YOUR GOAL »
Return exactly the lines below, starting with the one that has "#212=SEAM_CURVE('',#197,(#204,#211),.PCURVE_S1.);" and going on through the one that has "#228=DIRECTION('',(0.,0.,-1.));".

GIVEN RECORDS »
····················
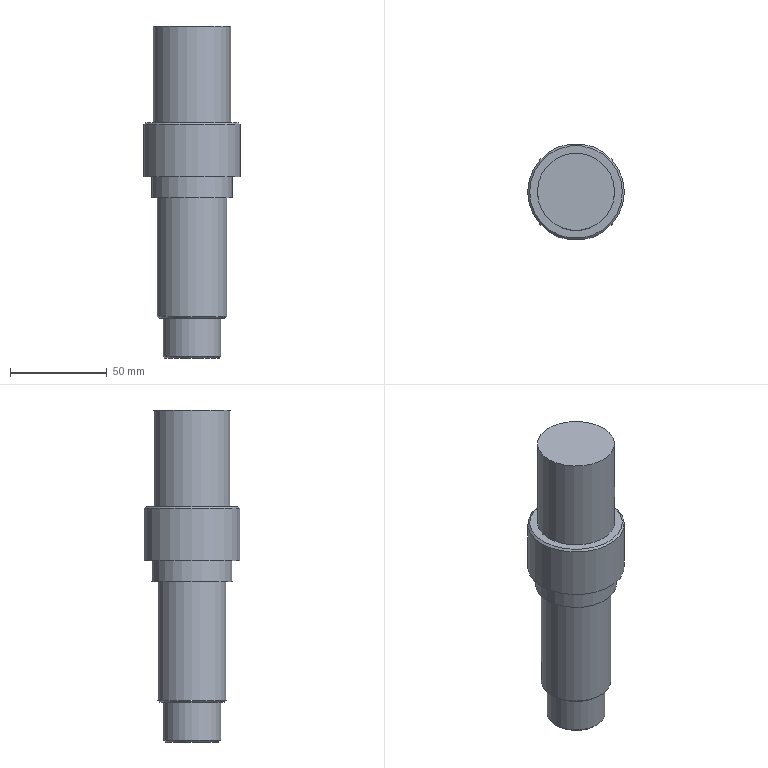Component | NX | SHAFT | 1 solid | 14 faces | box 50 x 50 x 172 mm | volume 210978 mm3 | plane 6 | cylinder 5 | cone 3 | commonest cylinder face diameters 36 x1 42 x1 50 x1 30 x1 40 x1
STEP:
#1=CARTESIAN_POINT('',(0.,0.,0.));
#2=DIRECTION('',(0.,0.,1.));
#3=DIRECTION('',(1.,0.,0.));
#4=AXIS2_PLACEMENT_3D('',#1,#2,#3);
#5=CARTESIAN_POINT('',(109.964,361.403,443.));
#6=VERTEX_POINT('',#5);
#7=CARTESIAN_POINT('',(91.964,361.403,443.));
#8=DIRECTION('',(0.,0.,1.));
#9=DIRECTION('',(1.,0.,0.));
#10=AXIS2_PLACEMENT_3D('',#7,#8,#9);
#11=CIRCLE('',#10,18.);
#12=CARTESIAN_POINT('',(91.964,361.403,543.5));
#13=DIRECTION('',(0.,0.,-1.));
#14=DIRECTION('',(1.,0.,0.));
#15=AXIS2_PLACEMENT_3D('',#12,#13,#14);
#16=CYLINDRICAL_SURFACE('',#15,18.);
#17=CARTESIAN_POINT('',(6.283,100.5));
#18=DIRECTION('',(-1.,0.));
#19=VECTOR('',#18,1.);
#20=LINE('',#17,#19);
#21=(GEOMETRIC_REPRESENTATION_CONTEXT(2)PARAMETRIC_REPRESENTATION_CONTEXT()REPRESENTATION_CONTEXT('',''));
#22=DEFINITIONAL_REPRESENTATION('',(#20),#21);
#23=PCURVE('',#16,#22);
#24=CARTESIAN_POINT('',(91.964,361.403,443.));
#25=DIRECTION('',(0.,0.,1.));
#26=DIRECTION('',(-1.,0.,0.));
#27=AXIS2_PLACEMENT_3D('',#24,#25,#26);
#28=CONICAL_SURFACE('',#27,18.,0.7854);
#29=CARTESIAN_POINT('',(3.142,0.));
#30=DIRECTION('',(1.,0.));
#31=VECTOR('',#30,1.);
#32=LINE('',#29,#31);
#33=(GEOMETRIC_REPRESENTATION_CONTEXT(2)PARAMETRIC_REPRESENTATION_CONTEXT()REPRESENTATION_CONTEXT('',''));
#34=DEFINITIONAL_REPRESENTATION('',(#32),#33);
#35=PCURVE('',#28,#34);
#36=SURFACE_CURVE('',#11,(#23,#35),.PCURVE_S1.);
#37=EDGE_CURVE('',#6,#6,#36,.T.);
#38=ORIENTED_EDGE('',*,*,#37,.T.);
#39=CARTESIAN_POINT('',(109.964,361.403,504.5));
#40=VERTEX_POINT('',#39);
#41=CARTESIAN_POINT('',(109.964,361.403,504.5));
#42=CARTESIAN_POINT('',(109.964,361.403,443.));
#43=B_SPLINE_CURVE_WITH_KNOTS('',1,(#41,#42),.UNSPECIFIED.,.F.,.F.,(2,2),(39.,100.5),.PIECEWISE_BEZIER_KNOTS.);
#44=CARTESIAN_POINT('',(0.,0.));
#45=DIRECTION('',(0.,1.));
#46=VECTOR('',#45,1.);
#47=LINE('',#44,#46);
#48=(GEOMETRIC_REPRESENTATION_CONTEXT(2)PARAMETRIC_REPRESENTATION_CONTEXT()REPRESENTATION_CONTEXT('',''));
#49=DEFINITIONAL_REPRESENTATION('',(#47),#48);
#50=PCURVE('',#16,#49);
#51=CARTESIAN_POINT('',(6.283,0.));
#52=DIRECTION('',(0.,1.));
#53=VECTOR('',#52,1.);
#54=LINE('',#51,#53);
#55=(GEOMETRIC_REPRESENTATION_CONTEXT(2)PARAMETRIC_REPRESENTATION_CONTEXT()REPRESENTATION_CONTEXT('',''));
#56=DEFINITIONAL_REPRESENTATION('',(#54),#55);
#57=PCURVE('',#16,#56);
#58=SEAM_CURVE('',#43,(#50,#57),.PCURVE_S1.);
#59=EDGE_CURVE('',#40,#6,#58,.T.);
#60=ORIENTED_EDGE('',*,*,#59,.F.);
#61=CARTESIAN_POINT('',(91.964,361.403,504.5));
#62=DIRECTION('',(0.,0.,-1.));
#63=DIRECTION('',(1.,0.,0.));
#64=AXIS2_PLACEMENT_3D('',#61,#62,#63);
#65=CIRCLE('',#64,18.);
#66=CARTESIAN_POINT('',(0.,39.));
#67=DIRECTION('',(1.,0.));
#68=VECTOR('',#67,1.);
#69=LINE('',#66,#68);
#70=(GEOMETRIC_REPRESENTATION_CONTEXT(2)PARAMETRIC_REPRESENTATION_CONTEXT()REPRESENTATION_CONTEXT('',''));
#71=DEFINITIONAL_REPRESENTATION('',(#69),#70);
#72=PCURVE('',#16,#71);
#73=CARTESIAN_POINT('',(91.964,361.403,504.5));
#74=DIRECTION('',(0.,0.,-1.));
#75=DIRECTION('',(1.,0.,0.));
#76=AXIS2_PLACEMENT_3D('',#73,#74,#75);
#77=PLANE('',#76);
#78=CARTESIAN_POINT('',(0.,0.));
#79=DIRECTION('',(1.,0.));
#80=AXIS2_PLACEMENT_2D('',#78,#79);
#81=CIRCLE('',#80,18.);
#82=(GEOMETRIC_REPRESENTATION_CONTEXT(2)PARAMETRIC_REPRESENTATION_CONTEXT()REPRESENTATION_CONTEXT('',''));
#83=DEFINITIONAL_REPRESENTATION('',(#81),#82);
#84=PCURVE('',#77,#83);
#85=SURFACE_CURVE('',#65,(#72,#84),.PCURVE_S1.);
#86=EDGE_CURVE('',#40,#40,#85,.T.);
#87=ORIENTED_EDGE('',*,*,#86,.T.);
#88=ORIENTED_EDGE('',*,*,#59,.T.);
#89=EDGE_LOOP('',(#38,#60,#87,#88));
#90=FACE_BOUND('',#89,.T.);
#91=ADVANCED_FACE('',(#90),#16,.T.);
#92=CARTESIAN_POINT('',(112.964,361.403,515.5));
#93=VERTEX_POINT('',#92);
#94=CARTESIAN_POINT('',(91.964,361.403,515.5));
#95=DIRECTION('',(0.,0.,-1.));
#96=DIRECTION('',(1.,0.,0.));
#97=AXIS2_PLACEMENT_3D('',#94,#95,#96);
#98=CIRCLE('',#97,21.);
#99=CARTESIAN_POINT('',(91.964,361.403,515.5));
#100=DIRECTION('',(0.,0.,-1.));
#101=DIRECTION('',(1.,0.,0.));
#102=AXIS2_PLACEMENT_3D('',#99,#100,#101);
#103=PLANE('',#102);
#104=CARTESIAN_POINT('',(0.,0.));
#105=DIRECTION('',(1.,0.));
#106=AXIS2_PLACEMENT_2D('',#104,#105);
#107=CIRCLE('',#106,21.);
#108=(GEOMETRIC_REPRESENTATION_CONTEXT(2)PARAMETRIC_REPRESENTATION_CONTEXT()REPRESENTATION_CONTEXT('',''));
#109=DEFINITIONAL_REPRESENTATION('',(#107),#108);
#110=PCURVE('',#103,#109);
#111=CARTESIAN_POINT('',(91.964,361.403,543.5));
#112=DIRECTION('',(0.,0.,-1.));
#113=DIRECTION('',(1.,0.,0.));
#114=AXIS2_PLACEMENT_3D('',#111,#112,#113);
#115=CYLINDRICAL_SURFACE('',#114,21.);
#116=CARTESIAN_POINT('',(0.,28.));
#117=DIRECTION('',(1.,0.));
#118=VECTOR('',#117,1.);
#119=LINE('',#116,#118);
#120=(GEOMETRIC_REPRESENTATION_CONTEXT(2)PARAMETRIC_REPRESENTATION_CONTEXT()REPRESENTATION_CONTEXT('',''));
#121=DEFINITIONAL_REPRESENTATION('',(#119),#120);
#122=PCURVE('',#115,#121);
#123=SURFACE_CURVE('',#98,(#110,#122),.PCURVE_S1.);
#124=EDGE_CURVE('',#93,#93,#123,.T.);
#125=ORIENTED_EDGE('',*,*,#124,.F.);
#126=EDGE_LOOP('',(#125));
#127=FACE_BOUND('',#126,.T.);
#128=CARTESIAN_POINT('',(116.964,361.403,515.5));
#129=VERTEX_POINT('',#128);
#130=CARTESIAN_POINT('',(91.964,361.403,515.5));
#131=DIRECTION('',(0.,0.,-1.));
#132=DIRECTION('',(1.,0.,0.));
#133=AXIS2_PLACEMENT_3D('',#130,#131,#132);
#134=CIRCLE('',#133,25.);
#135=CARTESIAN_POINT('',(0.,0.));
#136=DIRECTION('',(1.,0.));
#137=AXIS2_PLACEMENT_2D('',#135,#136);
#138=CIRCLE('',#137,25.);
#139=(GEOMETRIC_REPRESENTATION_CONTEXT(2)PARAMETRIC_REPRESENTATION_CONTEXT()REPRESENTATION_CONTEXT('',''));
#140=DEFINITIONAL_REPRESENTATION('',(#138),#139);
#141=PCURVE('',#103,#140);
#142=CARTESIAN_POINT('',(91.964,361.403,543.5));
#143=DIRECTION('',(0.,0.,-1.));
#144=DIRECTION('',(1.,0.,0.));
#145=AXIS2_PLACEMENT_3D('',#142,#143,#144);
#146=CYLINDRICAL_SURFACE('',#145,25.);
#147=CARTESIAN_POINT('',(0.,28.));
#148=DIRECTION('',(1.,0.));
#149=VECTOR('',#148,1.);
#150=LINE('',#147,#149);
#151=(GEOMETRIC_REPRESENTATION_CONTEXT(2)PARAMETRIC_REPRESENTATION_CONTEXT()REPRESENTATION_CONTEXT('',''));
#152=DEFINITIONAL_REPRESENTATION('',(#150),#151);
#153=PCURVE('',#146,#152);
#154=SURFACE_CURVE('',#134,(#141,#153),.PCURVE_S1.);
#155=EDGE_CURVE('',#129,#129,#154,.T.);
#156=ORIENTED_EDGE('',*,*,#155,.T.);
#157=EDGE_LOOP('',(#156));
#158=FACE_BOUND('',#157,.T.);
#159=ADVANCED_FACE('',(#127,#158),#103,.T.);
#160=CARTESIAN_POINT('',(112.964,361.403,504.5));
#161=VERTEX_POINT('',#160);
#162=CARTESIAN_POINT('',(91.964,361.403,504.5));
#163=DIRECTION('',(0.,0.,1.));
#164=DIRECTION('',(1.,0.,0.));
#165=AXIS2_PLACEMENT_3D('',#162,#163,#164);
#166=CIRCLE('',#165,21.);
#167=CARTESIAN_POINT('',(21.,0.));
#168=CARTESIAN_POINT('',(21.,-36.373));
#169=CARTESIAN_POINT('',(-10.5,-18.187));
#170=CARTESIAN_POINT('',(-42.,-0.));
#171=CARTESIAN_POINT('',(-10.5,18.187));
#172=CARTESIAN_POINT('',(21.,36.373));
#173=CARTESIAN_POINT('',(21.,0.));
#174=(BOUNDED_CURVE()B_SPLINE_CURVE(2,(#167,#168,#169,#170,#171,#172,#173),.UNSPECIFIED.,.T.,.F.)B_SPLINE_CURVE_WITH_KNOTS((1,2,2,2,2,1),(-2.094,0.,2.094,4.189,6.283,8.378),.UNSPECIFIED.)CURVE()GEOMETRIC_REPRESENTATION_ITEM()RATIONAL_B_SPLINE_CURVE((1.,0.5,1.,0.5,1.,0.5,1.))REPRESENTATION_ITEM(''));
#175=(GEOMETRIC_REPRESENTATION_CONTEXT(2)PARAMETRIC_REPRESENTATION_CONTEXT()REPRESENTATION_CONTEXT('',''));
#176=DEFINITIONAL_REPRESENTATION('',(#174),#175);
#177=PCURVE('',#77,#176);
#178=CARTESIAN_POINT('',(6.283,39.));
#179=DIRECTION('',(-1.,0.));
#180=VECTOR('',#179,1.);
#181=LINE('',#178,#180);
#182=(GEOMETRIC_REPRESENTATION_CONTEXT(2)PARAMETRIC_REPRESENTATION_CONTEXT()REPRESENTATION_CONTEXT('',''));
#183=DEFINITIONAL_REPRESENTATION('',(#181),#182);
#184=PCURVE('',#115,#183);
#185=SURFACE_CURVE('',#166,(#177,#184),.PCURVE_S1.);
#186=EDGE_CURVE('',#161,#161,#185,.T.);
#187=ORIENTED_EDGE('',*,*,#186,.F.);
#188=EDGE_LOOP('',(#187));
#189=FACE_BOUND('',#188,.T.);
#190=ORIENTED_EDGE('',*,*,#86,.F.);
#191=EDGE_LOOP('',(#190));
#192=FACE_BOUND('',#191,.T.);
#193=ADVANCED_FACE('',(#189,#192),#77,.T.);
#194=ORIENTED_EDGE('',*,*,#124,.T.);
#195=CARTESIAN_POINT('',(112.964,361.403,515.5));
#196=CARTESIAN_POINT('',(112.964,361.403,504.5));
#197=B_SPLINE_CURVE_WITH_KNOTS('',1,(#195,#196),.UNSPECIFIED.,.F.,.F.,(2,2),(28.,39.),.PIECEWISE_BEZIER_KNOTS.);
#198=CARTESIAN_POINT('',(6.283,0.));
#199=DIRECTION('',(0.,1.));
#200=VECTOR('',#199,1.);
#201=LINE('',#198,#200);
#202=(GEOMETRIC_REPRESENTATION_CONTEXT(2)PARAMETRIC_REPRESENTATION_CONTEXT()REPRESENTATION_CONTEXT('',''));
#203=DEFINITIONAL_REPRESENTATION('',(#201),#202);
#204=PCURVE('',#115,#203);
#205=CARTESIAN_POINT('',(0.,0.));
#206=DIRECTION('',(0.,1.));
#207=VECTOR('',#206,1.);
#208=LINE('',#205,#207);
#209=(GEOMETRIC_REPRESENTATION_CONTEXT(2)PARAMETRIC_REPRESENTATION_CONTEXT()REPRESENTATION_CONTEXT('',''));
#210=DEFINITIONAL_REPRESENTATION('',(#208),#209);
#211=PCURVE('',#115,#210);
#212=SEAM_CURVE('',#197,(#204,#211),.PCURVE_S1.);
#213=EDGE_CURVE('',#93,#161,#212,.T.);
#214=ORIENTED_EDGE('',*,*,#213,.T.);
#215=ORIENTED_EDGE('',*,*,#186,.T.);
#216=ORIENTED_EDGE('',*,*,#213,.F.);
#217=EDGE_LOOP('',(#194,#214,#215,#216));
#218=FACE_BOUND('',#217,.T.);
#219=ADVANCED_FACE('',(#218),#115,.T.);
#220=CARTESIAN_POINT('',(111.964,361.403,543.5));
#221=VERTEX_POINT('',#220);
#222=CARTESIAN_POINT('',(91.964,361.403,543.5));
#223=DIRECTION('',(0.,0.,1.));
#224=DIRECTION('',(1.,0.,0.));
#225=AXIS2_PLACEMENT_3D('',#222,#223,#224);
#226=CIRCLE('',#225,20.);
#227=CARTESIAN_POINT('',(91.964,361.403,543.5));
#228=DIRECTION('',(0.,0.,-1.));
#229=DIRECTION('',(1.,0.,0.));
#230=AXIS2_PLACEMENT_3D('',#227,#228,#229);
#231=PLANE('',#230);
#232=CARTESIAN_POINT('',(20.,0.));
#233=CARTESIAN_POINT('',(20.,-34.641));
#234=CARTESIAN_POINT('',(-10.,-17.321));
#235=CARTESIAN_POINT('',(-40.,-0.));
#236=CARTESIAN_POINT('',(-10.,17.321));
#237=CARTESIAN_POINT('',(20.,34.641));
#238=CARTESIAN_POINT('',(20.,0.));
····················
YOUR SOLUTION »
#212=SEAM_CURVE('',#197,(#204,#211),.PCURVE_S1.);
#213=EDGE_CURVE('',#93,#161,#212,.T.);
#214=ORIENTED_EDGE('',*,*,#213,.T.);
#215=ORIENTED_EDGE('',*,*,#186,.T.);
#216=ORIENTED_EDGE('',*,*,#213,.F.);
#217=EDGE_LOOP('',(#194,#214,#215,#216));
#218=FACE_BOUND('',#217,.T.);
#219=ADVANCED_FACE('',(#218),#115,.T.);
#220=CARTESIAN_POINT('',(111.964,361.403,543.5));
#221=VERTEX_POINT('',#220);
#222=CARTESIAN_POINT('',(91.964,361.403,543.5));
#223=DIRECTION('',(0.,0.,1.));
#224=DIRECTION('',(1.,0.,0.));
#225=AXIS2_PLACEMENT_3D('',#222,#223,#224);
#226=CIRCLE('',#225,20.);
#227=CARTESIAN_POINT('',(91.964,361.403,543.5));
#228=DIRECTION('',(0.,0.,-1.));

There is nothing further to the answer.